Work order
From the data below, retype exactly the lines starting with the one that contains "p17 = place(p16, frame((0.325, 0.0, 0.0)))" and ending with the one that contains "p19 = place(p18, frame((0.4, 0.0, 0.0)))", both included.

(Items listed in a dataset)
%%

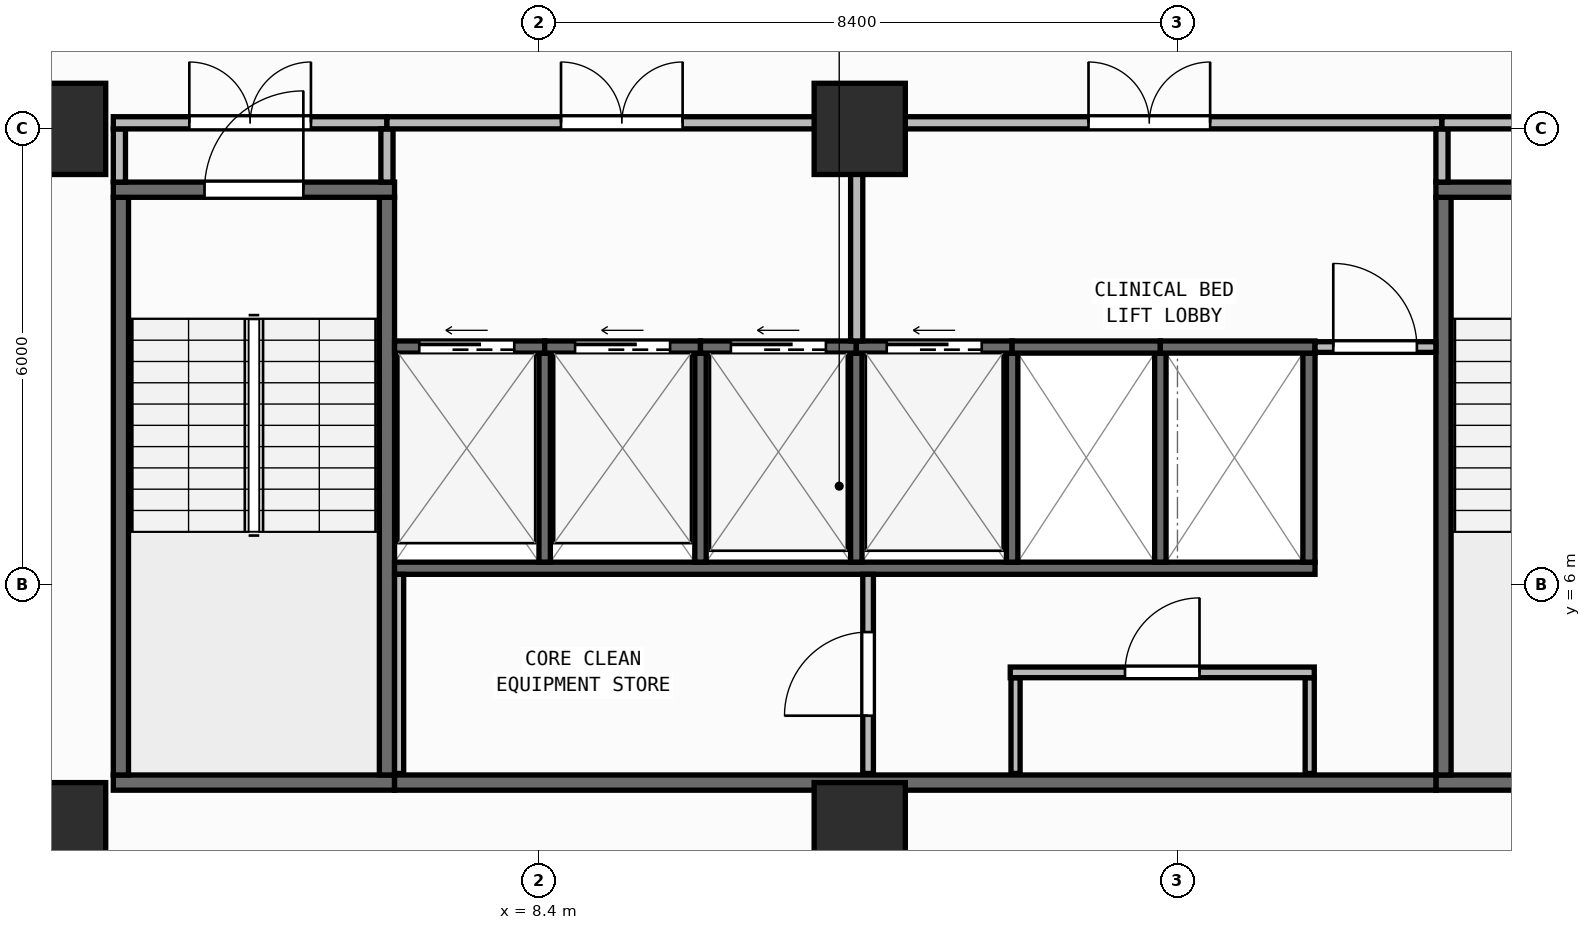
"""IFC4 building model, lengths in metres.
Left out: names, types, materials, properties, quantities, classifications, styles, units other than length and angle.
Written with IfcOpenShell. Run it as: python <this file> out.ifc"""

import sys

from ifc_helpers import new_model, si_unit, direction, frame, frame_2d, origin, origin_2d, place, context, subcontext, project, spatial, rectangle, extrude, element, fill, save


model = new_model("IFC4")
c1 = context("Model", 3, precision=1e-05, world=origin(), true_north=direction((0.0, 1.0)))
c2 = subcontext(c1, "Body", "Model", "MODEL_VIEW")
j1 = project(units=[si_unit("LENGTHUNIT", "METRE"), si_unit("PLANEANGLEUNIT", "RADIAN")], contexts=[c1])
p1 = place(None, origin())
s1 = spatial("IfcSite", under=j1, at=p1, CompositionType="ELEMENT")
p2 = place(p1, origin())
s2 = spatial("IfcBuilding", under=s1, at=p2, CompositionType="ELEMENT")
p3 = place(p2, frame((0.0, 0.0, 166.55)))
s3 = spatial("IfcBuildingStorey", under=s2, at=p3, CompositionType="ELEMENT", Elevation=166.55)
for number, where, z_axis, x_axis in (
    (1, (2.1, 2.8, 0.0), (0.0, 0.0, 1.0), (1.0, 0.0, 0.0)),
    (2, (12.62, 2.8, 0.0), (0.0, 0.0, 1.0), (1.0, 0.0, 0.0)),
    (3, (2.1, 12.0, 0.0), (0.0, 0.0, 1.0), (1.0, 0.0, 0.0)),
    (4, (12.62, 12.0, 0.0), (0.0, 0.0, 1.0), (1.0, 0.0, 0.0)),
):
    element("IfcColumn", number, at=place(p3, frame(where, z_axis=z_axis, x_axis=x_axis)), inside=s3, PredefinedType="COLUMN", context=c2, shape_type="SweptSolid", body=[
        extrude(rectangle(XDim=1.2, YDim=1.2, at=origin_2d()), origin(), (0.0, 0.0, 1.0), 3.95),
    ])
p4 = place(p3, frame((2.76, 0.173, 0.0), z_axis=(0.0, 0.0, 1.0), x_axis=(0.996857931723, 0.079210251617, 0.0)))
e5 = element("IfcWall", 5, at=p4, inside=s3, PredefinedType="STANDARD", context=c2, shape_type="SweptSolid", body=[
    extrude(rectangle(XDim=51.442, YDim=0.26, at=frame_2d((25.721, 0.0))), origin(), (0.0, 0.0, 1.0), 3.71),
])
p5 = place(p4, frame((24.521, 0.0, 0.9)))
e6 = element("IfcOpeningElement", 6, at=p5, cuts=e5, PredefinedType="OPENING", context=c2, shape_type="SweptSolid", body=[
    extrude(rectangle(XDim=2.4, YDim=1.65, at=frame_2d((1.2, 0.825))), frame((0.0, 0.14, 0.0), z_axis=(0.0, -1.0, 0.0), x_axis=(1.0, 0.0, 0.0)), (0.0, 0.0, 1.0), 0.28),
])
p6 = place(p3, frame((2.8, 3.4, 0.0), z_axis=(0.0, 0.0, 1.0), x_axis=(1.0, 0.0, 0.0)))
e7 = element("IfcWall", 7, at=p6, inside=s3, PredefinedType="SHEAR", context=c2, shape_type="SweptSolid", body=[
    extrude(rectangle(XDim=3.7, YDim=0.2, at=frame_2d((1.85, 0.0))), origin(), (0.0, 0.0, 1.0), 3.71),
])
for number, where, z_axis, x_axis in (
    (8, (2.9, 3.5, 0.0), (0.0, 0.0, 1.0), (0.0, 1.0, 0.0)),
    (9, (6.4, 3.5, 0.0), (0.0, 0.0, 1.0), (0.0, 1.0, 0.0)),
):
    element("IfcWall", number, at=place(p3, frame(where, z_axis=z_axis, x_axis=x_axis)), inside=s3, PredefinedType="SHEAR", context=c2, shape_type="SweptSolid", body=[
        extrude(rectangle(XDim=7.6, YDim=0.2, at=frame_2d((3.8, 0.0))), origin(), (0.0, 0.0, 1.0), 3.71),
    ])
p7 = place(p3, frame((2.8, 11.2, 0.0), z_axis=(0.0, 0.0, 1.0), x_axis=(1.0, 0.0, 0.0)))
e10 = element("IfcWall", 10, at=p7, inside=s3, PredefinedType="SHEAR", context=c2, shape_type="SweptSolid", body=[
    extrude(rectangle(XDim=3.7, YDim=0.2, at=frame_2d((1.85, 0.0))), origin(), (0.0, 0.0, 1.0), 3.71),
])
p8 = place(p7, frame((1.2, 0.0, 0.0)))
e11 = element("IfcOpeningElement", 11, at=p8, cuts=e10, PredefinedType="OPENING", context=c2, shape_type="SweptSolid", body=[
    extrude(rectangle(XDim=1.3, YDim=2.15, at=frame_2d((0.65, 1.075))), frame((0.0, 0.11, 0.0), z_axis=(0.0, -1.0, 0.0), x_axis=(1.0, 0.0, 0.0)), (0.0, 0.0, 1.0), 0.22),
])
p9 = place(p3, frame((20.2, 3.4, 0.0), z_axis=(0.0, 0.0, 1.0), x_axis=(1.0, 0.0, 0.0)))
e12 = element("IfcWall", 12, at=p9, inside=s3, PredefinedType="SHEAR", context=c2, shape_type="SweptSolid", body=[
    extrude(rectangle(XDim=3.7, YDim=0.2, at=frame_2d((1.85, 0.0))), origin(), (0.0, 0.0, 1.0), 3.71),
])
p10 = place(p3, frame((20.3, 3.5, 0.0), z_axis=(0.0, 0.0, 1.0), x_axis=(0.0, 1.0, 0.0)))
e13 = element("IfcWall", 13, at=p10, inside=s3, PredefinedType="SHEAR", context=c2, shape_type="SweptSolid", body=[
    extrude(rectangle(XDim=7.6, YDim=0.2, at=frame_2d((3.8, 0.0))), origin(), (0.0, 0.0, 1.0), 3.71),
])
p11 = place(p3, frame((20.2, 11.2, 0.0), z_axis=(0.0, 0.0, 1.0), x_axis=(1.0, 0.0, 0.0)))
e14 = element("IfcWall", 14, at=p11, inside=s3, PredefinedType="SHEAR", context=c2, shape_type="SweptSolid", body=[
    extrude(rectangle(XDim=3.7, YDim=0.2, at=frame_2d((1.85, 0.0))), origin(), (0.0, 0.0, 1.0), 3.71),
])
p12 = place(p11, frame((1.2, 0.0, 0.0)))
e15 = element("IfcOpeningElement", 15, at=p12, cuts=e14, PredefinedType="OPENING", context=c2, shape_type="SweptSolid", body=[
    extrude(rectangle(XDim=1.3, YDim=2.15, at=frame_2d((0.65, 1.075))), frame((0.0, 0.11, 0.0), z_axis=(0.0, -1.0, 0.0), x_axis=(1.0, 0.0, 0.0)), (0.0, 0.0, 1.0), 0.22),
])
p13 = place(p3, frame((6.5, 3.4, 0.0), z_axis=(0.0, 0.0, 1.0), x_axis=(1.0, 0.0, 0.0)))
e16 = element("IfcWall", 16, at=p13, inside=s3, PredefinedType="SHEAR", context=c2, shape_type="SweptSolid", body=[
    extrude(rectangle(XDim=13.7, YDim=0.2, at=frame_2d((6.85, 0.0))), origin(), (0.0, 0.0, 1.0), 3.71),
])
p14 = place(p3, frame((6.5, 6.22, 0.0), z_axis=(0.0, 0.0, 1.0), x_axis=(1.0, 0.0, 0.0)))
e17 = element("IfcWall", 17, at=p14, inside=s3, PredefinedType="SHEAR", context=c2, shape_type="SweptSolid", body=[
    extrude(rectangle(XDim=12.11, YDim=0.16, at=frame_2d((6.055, 0.0))), origin(), (0.0, 0.0, 1.0), 3.71),
])
p15 = place(p3, frame((18.53, 6.3, 0.0), z_axis=(0.0, 0.0, 1.0), x_axis=(0.0, 1.0, 0.0)))
e18 = element("IfcWall", 18, at=p15, inside=s3, PredefinedType="SHEAR", context=c2, shape_type="SweptSolid", body=[
    extrude(rectangle(XDim=2.75, YDim=0.16, at=frame_2d((1.375, 0.0))), origin(), (0.0, 0.0, 1.0), 3.71),
])
for number, where, z_axis, x_axis in (
    (19, (8.475, 6.3, 0.0), (0.0, 0.0, 1.0), (0.0, 1.0, 0.0)),
    (20, (10.525, 6.3, 0.0), (0.0, 0.0, 1.0), (0.0, 1.0, 0.0)),
    (21, (12.575, 6.3, 0.0), (0.0, 0.0, 1.0), (0.0, 1.0, 0.0)),
    (22, (14.625, 6.3, 0.0), (0.0, 0.0, 1.0), (0.0, 1.0, 0.0)),
    (23, (16.575, 6.3, 0.0), (0.0, 0.0, 1.0), (0.0, 1.0, 0.0)),
):
    element("IfcWall", number, at=place(p3, frame(where, z_axis=z_axis, x_axis=x_axis)), inside=s3, PredefinedType="SHEAR", context=c2, shape_type="SweptSolid", body=[
        extrude(rectangle(XDim=2.75, YDim=0.15, at=frame_2d((1.375, 0.0))), origin(), (0.0, 0.0, 1.0), 3.71),
    ])
p16 = place(p3, frame((6.5, 9.13, 0.0), z_axis=(0.0, 0.0, 1.0), x_axis=(1.0, 0.0, 0.0)))
e24 = element("IfcWall", 24, at=p16, inside=s3, PredefinedType="SHEAR", context=c2, shape_type="SweptSolid", body=[
    extrude(rectangle(XDim=1.975, YDim=0.16, at=frame_2d((0.988, 0.0))), origin(), (0.0, 0.0, 1.0), 3.71),
])
p17 = place(p16, frame((0.325, 0.0, 0.0)))
e25 = element("IfcOpeningElement", 25, at=p17, cuts=e24, PredefinedType="OPENING", context=c2, shape_type="SweptSolid", body=[
    extrude(rectangle(XDim=1.25, YDim=2.15, at=frame_2d((0.625, 1.075))), frame((0.0, 0.09, 0.0), z_axis=(0.0, -1.0, 0.0), x_axis=(1.0, 0.0, 0.0)), (0.0, 0.0, 1.0), 0.18),
])
p18 = place(p3, frame((8.475, 9.13, 0.0), z_axis=(0.0, 0.0, 1.0), x_axis=(1.0, 0.0, 0.0)))
e26 = element("IfcWall", 26, at=p18, inside=s3, PredefinedType="SHEAR", context=c2, shape_type="SweptSolid", body=[
    extrude(rectangle(XDim=2.05, YDim=0.16, at=frame_2d((1.025, 0.0))), origin(), (0.0, 0.0, 1.0), 3.71),
])
p19 = place(p18, frame((0.4, 0.0, 0.0)))
e27 = element("IfcOpeningElement", 27, at=p19, cuts=e26, PredefinedType="OPENING", context=c2, shape_type="SweptSolid", body=[
    extrude(rectangle(XDim=1.25, YDim=2.15, at=frame_2d((0.625, 1.075))), frame((0.0, 0.09, 0.0), z_axis=(0.0, -1.0, 0.0), x_axis=(1.0, 0.0, 0.0)), (0.0, 0.0, 1.0), 0.18),
])
p20 = place(p3, frame((10.525, 9.13, 0.0), z_axis=(0.0, 0.0, 1.0), x_axis=(1.0, 0.0, 0.0)))
e28 = element("IfcWall", 28, at=p20, inside=s3, PredefinedType="SHEAR", context=c2, shape_type="SweptSolid", body=[
    extrude(rectangle(XDim=2.05, YDim=0.16, at=frame_2d((1.025, 0.0))), origin(), (0.0, 0.0, 1.0), 3.71),
])
p21 = place(p20, frame((0.4, 0.0, 0.0)))
e29 = element("IfcOpeningElement", 29, at=p21, cuts=e28, PredefinedType="OPENING", context=c2, shape_type="SweptSolid", body=[
    extrude(rectangle(XDim=1.25, YDim=2.15, at=frame_2d((0.625, 1.075))), frame((0.0, 0.09, 0.0), z_axis=(0.0, -1.0, 0.0), x_axis=(1.0, 0.0, 0.0)), (0.0, 0.0, 1.0), 0.18),
])
p22 = place(p3, frame((12.575, 9.13, 0.0), z_axis=(0.0, 0.0, 1.0), x_axis=(1.0, 0.0, 0.0)))
e30 = element("IfcWall", 30, at=p22, inside=s3, PredefinedType="SHEAR", context=c2, shape_type="SweptSolid", body=[
    extrude(rectangle(XDim=2.05, YDim=0.16, at=frame_2d((1.025, 0.0))), origin(), (0.0, 0.0, 1.0), 3.71),
])
p23 = place(p22, frame((0.4, 0.0, 0.0)))
e31 = element("IfcOpeningElement", 31, at=p23, cuts=e30, PredefinedType="OPENING", context=c2, shape_type="SweptSolid", body=[
    extrude(rectangle(XDim=1.25, YDim=2.15, at=frame_2d((0.625, 1.075))), frame((0.0, 0.09, 0.0), z_axis=(0.0, -1.0, 0.0), x_axis=(1.0, 0.0, 0.0)), (0.0, 0.0, 1.0), 0.18),
])
p24 = place(p3, frame((14.625, 9.13, 0.0), z_axis=(0.0, 0.0, 1.0), x_axis=(1.0, 0.0, 0.0)))
e32 = element("IfcWall", 32, at=p24, inside=s3, PredefinedType="SHEAR", context=c2, shape_type="SweptSolid", body=[
    extrude(rectangle(XDim=1.95, YDim=0.16, at=frame_2d((0.975, 0.0))), origin(), (0.0, 0.0, 1.0), 3.71),
])
p25 = place(p3, frame((16.575, 9.13, 0.0), z_axis=(0.0, 0.0, 1.0), x_axis=(1.0, 0.0, 0.0)))
e33 = element("IfcWall", 33, at=p25, inside=s3, PredefinedType="SHEAR", context=c2, shape_type="SweptSolid", body=[
    extrude(rectangle(XDim=2.035, YDim=0.16, at=frame_2d((1.018, 0.0))), origin(), (0.0, 0.0, 1.0), 3.71),
])
p26 = place(p3, frame((6.56, 3.52, 0.0), z_axis=(0.0, 0.0, 1.0), x_axis=(0.0, 1.0, 0.0)))
e34 = element("IfcWall", 34, at=p26, inside=s3, PredefinedType="PARTITIONING", context=c2, shape_type="SweptSolid", body=[
    extrude(rectangle(XDim=2.62, YDim=0.12, at=frame_2d((1.31, 0.0))), origin(), (0.0, 0.0, 1.0), 3.71),
])
p27 = place(p3, frame((12.73, 3.52, 0.0), z_axis=(0.0, 0.0, 1.0), x_axis=(0.0, 1.0, 0.0)))
e35 = element("IfcWall", 35, at=p27, inside=s3, PredefinedType="PARTITIONING", context=c2, shape_type="SweptSolid", body=[
    extrude(rectangle(XDim=2.62, YDim=0.14, at=frame_2d((1.31, 0.0))), origin(), (0.0, 0.0, 1.0), 3.71),
])
p28 = place(p27, frame((0.76, 0.0, 0.0)))
e36 = element("IfcOpeningElement", 36, at=p28, cuts=e35, PredefinedType="OPENING", context=c2, shape_type="SweptSolid", body=[
    extrude(rectangle(XDim=1.1, YDim=2.1, at=frame_2d((0.55, 1.05))), frame((0.0, 0.08, 0.0), z_axis=(0.0, -1.0, 0.0), x_axis=(1.0, 0.0, 0.0)), (0.0, 0.0, 1.0), 0.16),
])
for number, where, z_axis, x_axis in (
    (37, (14.67, 3.52, 0.0), (0.0, 0.0, 1.0), (0.0, 1.0, 0.0)),
    (38, (18.54, 3.52, 0.0), (0.0, 0.0, 1.0), (0.0, 1.0, 0.0)),
):
    element("IfcWall", number, at=place(p3, frame(where, z_axis=z_axis, x_axis=x_axis)), inside=s3, PredefinedType="PARTITIONING", context=c2, shape_type="SweptSolid", body=[
        extrude(rectangle(XDim=1.26, YDim=0.12, at=frame_2d((0.63, 0.0))), origin(), (0.0, 0.0, 1.0), 3.71),
    ])
p29 = place(p3, frame((14.6, 4.85, 0.0), z_axis=(0.0, 0.0, 1.0), x_axis=(1.0, 0.0, 0.0)))
e39 = element("IfcWall", 39, at=p29, inside=s3, PredefinedType="PARTITIONING", context=c2, shape_type="SweptSolid", body=[
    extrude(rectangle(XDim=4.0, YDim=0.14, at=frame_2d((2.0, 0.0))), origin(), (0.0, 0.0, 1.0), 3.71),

%%

Solution to this problem
p17 = place(p16, frame((0.325, 0.0, 0.0)))
e25 = element("IfcOpeningElement", 25, at=p17, cuts=e24, PredefinedType="OPENING", context=c2, shape_type="SweptSolid", body=[
    extrude(rectangle(XDim=1.25, YDim=2.15, at=frame_2d((0.625, 1.075))), frame((0.0, 0.09, 0.0), z_axis=(0.0, -1.0, 0.0), x_axis=(1.0, 0.0, 0.0)), (0.0, 0.0, 1.0), 0.18),
])
p18 = place(p3, frame((8.475, 9.13, 0.0), z_axis=(0.0, 0.0, 1.0), x_axis=(1.0, 0.0, 0.0)))
e26 = element("IfcWall", 26, at=p18, inside=s3, PredefinedType="SHEAR", context=c2, shape_type="SweptSolid", body=[
    extrude(rectangle(XDim=2.05, YDim=0.16, at=frame_2d((1.025, 0.0))), origin(), (0.0, 0.0, 1.0), 3.71),
])
p19 = place(p18, frame((0.4, 0.0, 0.0)))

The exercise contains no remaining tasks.